• Exercise requirements
Collect all lines containing the word "CompositionType" from the data.

• Available records
.....

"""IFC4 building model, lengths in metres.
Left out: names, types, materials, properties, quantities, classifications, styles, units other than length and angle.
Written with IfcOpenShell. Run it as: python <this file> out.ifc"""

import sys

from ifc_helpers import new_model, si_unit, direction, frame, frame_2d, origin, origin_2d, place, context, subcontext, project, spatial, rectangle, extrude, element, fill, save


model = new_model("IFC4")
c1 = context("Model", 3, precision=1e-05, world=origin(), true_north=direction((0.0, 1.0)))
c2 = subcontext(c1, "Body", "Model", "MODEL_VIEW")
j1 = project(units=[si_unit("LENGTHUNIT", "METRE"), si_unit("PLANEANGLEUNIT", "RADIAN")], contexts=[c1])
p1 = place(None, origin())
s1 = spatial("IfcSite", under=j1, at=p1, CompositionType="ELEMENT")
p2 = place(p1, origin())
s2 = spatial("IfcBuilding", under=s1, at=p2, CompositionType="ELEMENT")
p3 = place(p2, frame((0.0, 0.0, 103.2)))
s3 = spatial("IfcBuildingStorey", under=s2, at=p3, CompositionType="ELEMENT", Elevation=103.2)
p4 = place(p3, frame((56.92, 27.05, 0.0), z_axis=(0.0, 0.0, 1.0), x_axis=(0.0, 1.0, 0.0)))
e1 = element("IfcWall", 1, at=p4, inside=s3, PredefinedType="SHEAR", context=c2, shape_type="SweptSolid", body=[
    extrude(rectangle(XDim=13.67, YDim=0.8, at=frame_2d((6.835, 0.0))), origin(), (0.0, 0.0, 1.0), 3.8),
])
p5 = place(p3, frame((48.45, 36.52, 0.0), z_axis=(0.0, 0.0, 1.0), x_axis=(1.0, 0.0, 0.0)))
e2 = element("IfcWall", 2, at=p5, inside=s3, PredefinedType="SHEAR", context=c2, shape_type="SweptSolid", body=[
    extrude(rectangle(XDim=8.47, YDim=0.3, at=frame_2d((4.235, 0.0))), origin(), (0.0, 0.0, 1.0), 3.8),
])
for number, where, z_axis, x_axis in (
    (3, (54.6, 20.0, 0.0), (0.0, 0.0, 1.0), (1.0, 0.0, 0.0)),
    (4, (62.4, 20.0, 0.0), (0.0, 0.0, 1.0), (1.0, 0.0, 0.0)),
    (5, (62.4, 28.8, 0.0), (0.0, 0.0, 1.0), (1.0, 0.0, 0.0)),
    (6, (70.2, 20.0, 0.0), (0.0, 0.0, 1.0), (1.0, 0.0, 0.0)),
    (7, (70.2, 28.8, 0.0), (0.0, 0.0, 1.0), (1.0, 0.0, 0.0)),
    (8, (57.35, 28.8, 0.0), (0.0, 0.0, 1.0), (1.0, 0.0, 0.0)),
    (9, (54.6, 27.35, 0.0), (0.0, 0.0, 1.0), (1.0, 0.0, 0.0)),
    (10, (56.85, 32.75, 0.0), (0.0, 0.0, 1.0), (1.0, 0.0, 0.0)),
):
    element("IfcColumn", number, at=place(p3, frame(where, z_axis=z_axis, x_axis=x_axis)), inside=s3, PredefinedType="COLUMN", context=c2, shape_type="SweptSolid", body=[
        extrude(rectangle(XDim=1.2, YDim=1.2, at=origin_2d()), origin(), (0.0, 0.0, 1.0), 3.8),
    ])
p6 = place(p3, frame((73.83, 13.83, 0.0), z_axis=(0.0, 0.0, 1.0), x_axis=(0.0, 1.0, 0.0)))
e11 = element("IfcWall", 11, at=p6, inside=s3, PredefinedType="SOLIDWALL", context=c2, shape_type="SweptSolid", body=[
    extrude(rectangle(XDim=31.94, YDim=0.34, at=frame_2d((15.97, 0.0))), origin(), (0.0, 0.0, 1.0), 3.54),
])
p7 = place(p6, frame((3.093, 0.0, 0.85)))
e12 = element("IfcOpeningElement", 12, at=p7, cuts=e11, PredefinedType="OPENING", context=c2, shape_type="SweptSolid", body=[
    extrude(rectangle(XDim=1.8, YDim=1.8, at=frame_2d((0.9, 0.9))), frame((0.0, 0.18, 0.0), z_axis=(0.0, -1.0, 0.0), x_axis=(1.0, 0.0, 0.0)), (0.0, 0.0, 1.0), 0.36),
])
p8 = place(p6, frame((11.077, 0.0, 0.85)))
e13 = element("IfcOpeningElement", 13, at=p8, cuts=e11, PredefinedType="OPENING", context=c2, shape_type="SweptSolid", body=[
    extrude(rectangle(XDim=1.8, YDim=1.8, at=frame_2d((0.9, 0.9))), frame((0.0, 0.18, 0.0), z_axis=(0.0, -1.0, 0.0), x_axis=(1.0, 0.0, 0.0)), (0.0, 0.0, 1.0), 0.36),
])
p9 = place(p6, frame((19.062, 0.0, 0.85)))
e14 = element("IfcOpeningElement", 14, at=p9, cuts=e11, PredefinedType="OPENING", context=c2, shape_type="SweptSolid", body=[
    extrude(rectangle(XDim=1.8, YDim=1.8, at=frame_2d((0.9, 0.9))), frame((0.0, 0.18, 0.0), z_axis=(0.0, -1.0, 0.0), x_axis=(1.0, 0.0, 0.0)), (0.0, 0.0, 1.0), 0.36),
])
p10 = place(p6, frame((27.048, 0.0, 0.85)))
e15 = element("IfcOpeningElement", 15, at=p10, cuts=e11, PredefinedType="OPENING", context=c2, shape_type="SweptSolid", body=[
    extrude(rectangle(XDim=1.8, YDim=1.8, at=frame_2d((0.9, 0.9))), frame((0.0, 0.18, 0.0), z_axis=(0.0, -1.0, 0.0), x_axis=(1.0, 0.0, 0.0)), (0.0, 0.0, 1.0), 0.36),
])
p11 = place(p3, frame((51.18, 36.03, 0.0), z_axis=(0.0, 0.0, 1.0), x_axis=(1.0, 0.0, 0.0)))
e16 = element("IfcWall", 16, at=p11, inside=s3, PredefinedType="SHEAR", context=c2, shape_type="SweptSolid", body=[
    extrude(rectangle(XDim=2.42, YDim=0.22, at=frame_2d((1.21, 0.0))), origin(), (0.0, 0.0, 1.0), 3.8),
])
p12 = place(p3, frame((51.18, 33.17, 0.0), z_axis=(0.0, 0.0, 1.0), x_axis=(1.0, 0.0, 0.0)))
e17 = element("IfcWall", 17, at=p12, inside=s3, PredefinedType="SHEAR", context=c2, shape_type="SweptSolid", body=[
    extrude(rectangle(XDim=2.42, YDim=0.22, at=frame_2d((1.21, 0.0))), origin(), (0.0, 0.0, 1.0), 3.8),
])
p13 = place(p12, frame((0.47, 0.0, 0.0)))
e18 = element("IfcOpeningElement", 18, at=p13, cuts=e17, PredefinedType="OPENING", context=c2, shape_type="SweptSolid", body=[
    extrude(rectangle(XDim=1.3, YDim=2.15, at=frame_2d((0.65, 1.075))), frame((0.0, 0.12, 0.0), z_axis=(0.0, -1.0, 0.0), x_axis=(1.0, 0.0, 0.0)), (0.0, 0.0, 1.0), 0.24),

.....

• Output
s1 = spatial("IfcSite", under=j1, at=p1, CompositionType="ELEMENT")
s2 = spatial("IfcBuilding", under=s1, at=p2, CompositionType="ELEMENT")
s3 = spatial("IfcBuildingStorey", under=s2, at=p3, CompositionType="ELEMENT", Elevation=103.2)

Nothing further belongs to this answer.